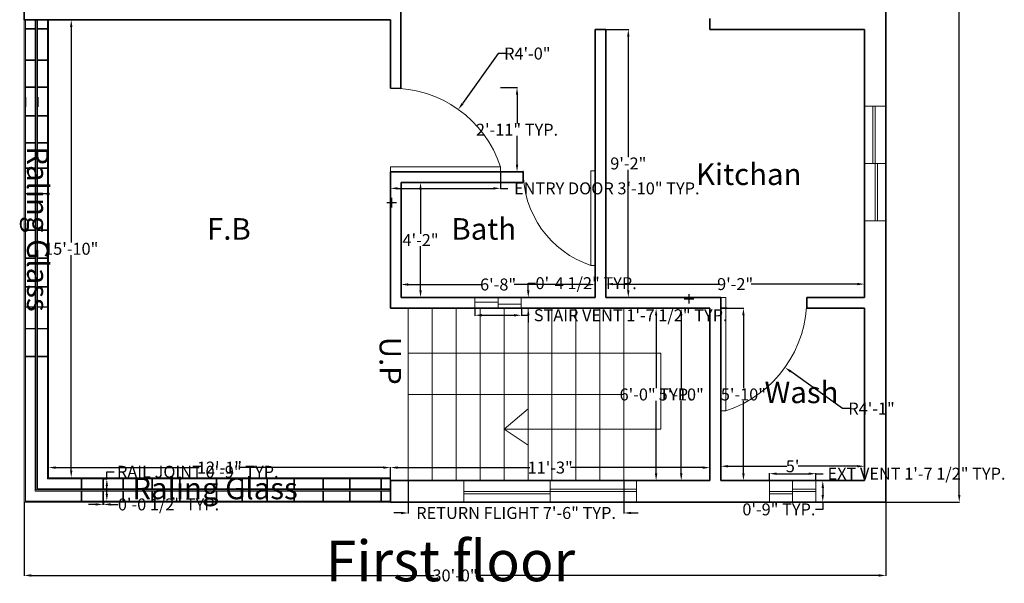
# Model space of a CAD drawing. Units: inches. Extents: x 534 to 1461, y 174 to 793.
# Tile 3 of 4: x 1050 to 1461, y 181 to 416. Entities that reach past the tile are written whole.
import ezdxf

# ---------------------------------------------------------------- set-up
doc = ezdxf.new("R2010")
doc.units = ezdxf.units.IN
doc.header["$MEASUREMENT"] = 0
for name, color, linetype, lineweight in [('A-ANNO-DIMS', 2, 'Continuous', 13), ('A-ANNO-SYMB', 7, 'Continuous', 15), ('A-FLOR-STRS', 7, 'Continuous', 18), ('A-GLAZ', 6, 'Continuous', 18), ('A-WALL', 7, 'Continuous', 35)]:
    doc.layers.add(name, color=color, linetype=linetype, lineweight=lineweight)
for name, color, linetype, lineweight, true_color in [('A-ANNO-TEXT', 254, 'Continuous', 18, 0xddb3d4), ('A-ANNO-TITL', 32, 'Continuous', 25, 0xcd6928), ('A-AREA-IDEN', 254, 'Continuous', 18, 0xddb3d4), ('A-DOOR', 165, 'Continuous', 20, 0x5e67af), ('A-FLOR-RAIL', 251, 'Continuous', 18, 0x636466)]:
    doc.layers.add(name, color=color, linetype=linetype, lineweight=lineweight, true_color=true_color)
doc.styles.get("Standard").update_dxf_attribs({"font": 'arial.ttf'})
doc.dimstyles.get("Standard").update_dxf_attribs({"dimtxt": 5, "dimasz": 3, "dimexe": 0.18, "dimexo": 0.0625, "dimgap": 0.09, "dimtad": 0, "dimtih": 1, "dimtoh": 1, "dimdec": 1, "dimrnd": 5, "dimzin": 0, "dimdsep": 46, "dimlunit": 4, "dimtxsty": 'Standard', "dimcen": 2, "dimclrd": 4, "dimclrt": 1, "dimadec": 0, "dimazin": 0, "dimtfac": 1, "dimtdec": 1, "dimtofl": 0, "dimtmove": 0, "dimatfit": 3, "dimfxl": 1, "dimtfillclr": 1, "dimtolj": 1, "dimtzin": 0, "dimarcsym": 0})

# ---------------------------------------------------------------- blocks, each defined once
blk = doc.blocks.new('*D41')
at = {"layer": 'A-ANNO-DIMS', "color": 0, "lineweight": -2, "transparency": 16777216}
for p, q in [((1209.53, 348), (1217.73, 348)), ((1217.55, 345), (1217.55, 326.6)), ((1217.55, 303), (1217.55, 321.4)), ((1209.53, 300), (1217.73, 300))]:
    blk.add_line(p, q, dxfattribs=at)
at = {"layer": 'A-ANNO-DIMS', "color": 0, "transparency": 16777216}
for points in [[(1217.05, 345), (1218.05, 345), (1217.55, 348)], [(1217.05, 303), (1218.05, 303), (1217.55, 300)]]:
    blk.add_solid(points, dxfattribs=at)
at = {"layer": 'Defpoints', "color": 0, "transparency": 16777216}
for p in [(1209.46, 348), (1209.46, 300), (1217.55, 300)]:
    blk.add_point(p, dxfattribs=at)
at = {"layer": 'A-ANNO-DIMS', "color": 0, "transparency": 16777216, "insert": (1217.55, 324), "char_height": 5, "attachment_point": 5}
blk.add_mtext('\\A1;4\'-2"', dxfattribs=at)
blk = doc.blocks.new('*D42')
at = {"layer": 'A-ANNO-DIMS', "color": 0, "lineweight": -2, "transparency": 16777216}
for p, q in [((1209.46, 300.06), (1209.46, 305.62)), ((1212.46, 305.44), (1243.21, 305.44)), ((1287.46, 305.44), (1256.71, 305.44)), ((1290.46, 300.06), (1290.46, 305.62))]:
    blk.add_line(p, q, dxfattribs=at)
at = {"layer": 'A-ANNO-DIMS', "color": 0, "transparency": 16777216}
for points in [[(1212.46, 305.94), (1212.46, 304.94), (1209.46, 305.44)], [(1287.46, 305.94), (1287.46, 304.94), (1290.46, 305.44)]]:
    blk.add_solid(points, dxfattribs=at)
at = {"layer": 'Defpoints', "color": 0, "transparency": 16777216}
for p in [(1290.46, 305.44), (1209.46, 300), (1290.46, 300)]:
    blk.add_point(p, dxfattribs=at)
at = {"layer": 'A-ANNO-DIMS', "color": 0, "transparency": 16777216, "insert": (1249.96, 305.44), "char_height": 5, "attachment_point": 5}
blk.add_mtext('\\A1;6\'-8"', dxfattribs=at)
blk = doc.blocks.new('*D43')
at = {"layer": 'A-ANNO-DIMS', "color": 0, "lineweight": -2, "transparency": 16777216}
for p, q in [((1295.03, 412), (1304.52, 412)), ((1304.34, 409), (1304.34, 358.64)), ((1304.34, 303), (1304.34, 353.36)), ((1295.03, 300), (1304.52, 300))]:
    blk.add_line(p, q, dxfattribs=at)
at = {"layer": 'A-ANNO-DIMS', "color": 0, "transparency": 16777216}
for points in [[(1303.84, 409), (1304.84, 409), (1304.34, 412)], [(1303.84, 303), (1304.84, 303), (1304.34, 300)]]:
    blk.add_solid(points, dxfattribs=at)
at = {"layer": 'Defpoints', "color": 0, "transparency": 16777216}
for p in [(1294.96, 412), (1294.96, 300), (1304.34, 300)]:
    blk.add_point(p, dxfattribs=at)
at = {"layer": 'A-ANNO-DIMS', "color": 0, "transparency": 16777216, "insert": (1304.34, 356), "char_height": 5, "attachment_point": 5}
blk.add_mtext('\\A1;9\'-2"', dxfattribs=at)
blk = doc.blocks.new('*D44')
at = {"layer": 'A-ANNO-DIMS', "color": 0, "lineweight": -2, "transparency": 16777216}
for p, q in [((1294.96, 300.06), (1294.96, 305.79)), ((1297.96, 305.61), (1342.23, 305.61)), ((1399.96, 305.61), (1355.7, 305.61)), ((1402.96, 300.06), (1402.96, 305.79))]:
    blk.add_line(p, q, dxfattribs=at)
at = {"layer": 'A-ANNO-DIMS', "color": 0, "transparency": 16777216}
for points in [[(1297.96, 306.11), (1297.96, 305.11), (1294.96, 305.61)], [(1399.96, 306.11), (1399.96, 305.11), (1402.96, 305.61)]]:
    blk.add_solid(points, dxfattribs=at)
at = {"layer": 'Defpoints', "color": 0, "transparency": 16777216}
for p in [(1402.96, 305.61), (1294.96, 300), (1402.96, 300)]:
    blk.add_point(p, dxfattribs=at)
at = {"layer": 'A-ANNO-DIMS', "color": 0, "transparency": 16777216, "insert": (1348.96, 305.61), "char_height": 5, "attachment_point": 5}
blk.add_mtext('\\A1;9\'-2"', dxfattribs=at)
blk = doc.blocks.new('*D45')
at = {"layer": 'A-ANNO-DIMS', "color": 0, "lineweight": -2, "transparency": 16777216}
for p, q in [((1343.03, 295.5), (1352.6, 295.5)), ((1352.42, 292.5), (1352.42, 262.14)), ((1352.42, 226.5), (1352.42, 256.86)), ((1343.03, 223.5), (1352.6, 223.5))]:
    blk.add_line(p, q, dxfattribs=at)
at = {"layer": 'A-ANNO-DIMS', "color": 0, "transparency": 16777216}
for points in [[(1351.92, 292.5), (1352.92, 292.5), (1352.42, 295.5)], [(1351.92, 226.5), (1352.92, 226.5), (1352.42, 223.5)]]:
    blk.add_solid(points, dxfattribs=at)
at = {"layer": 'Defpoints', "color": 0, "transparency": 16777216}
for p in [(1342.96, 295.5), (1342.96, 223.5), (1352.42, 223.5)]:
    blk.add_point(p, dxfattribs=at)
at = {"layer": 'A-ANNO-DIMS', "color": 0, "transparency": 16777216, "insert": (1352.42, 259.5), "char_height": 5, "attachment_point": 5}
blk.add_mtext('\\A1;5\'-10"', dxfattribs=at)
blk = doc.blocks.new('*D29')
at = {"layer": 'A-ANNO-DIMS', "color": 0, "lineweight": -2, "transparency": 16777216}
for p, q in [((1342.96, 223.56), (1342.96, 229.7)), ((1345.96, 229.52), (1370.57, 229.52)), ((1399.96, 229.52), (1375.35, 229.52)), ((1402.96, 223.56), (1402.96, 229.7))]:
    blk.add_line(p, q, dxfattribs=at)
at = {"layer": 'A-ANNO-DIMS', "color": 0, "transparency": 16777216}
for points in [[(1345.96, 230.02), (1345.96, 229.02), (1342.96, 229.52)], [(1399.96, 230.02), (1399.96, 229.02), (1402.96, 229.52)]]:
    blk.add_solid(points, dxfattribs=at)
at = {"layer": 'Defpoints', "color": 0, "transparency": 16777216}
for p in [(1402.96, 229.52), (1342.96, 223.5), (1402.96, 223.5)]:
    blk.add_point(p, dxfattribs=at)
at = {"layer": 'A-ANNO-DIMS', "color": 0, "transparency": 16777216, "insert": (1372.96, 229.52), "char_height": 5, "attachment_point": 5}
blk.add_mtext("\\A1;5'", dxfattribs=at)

- _REQUIRED WORK_
The answer must consist of each line in the entries above that includes "ezdxf".

- _RESPONSE TO THE EXERCISE_
import ezdxf
doc = ezdxf.new("R2010")
doc.units = ezdxf.units.IN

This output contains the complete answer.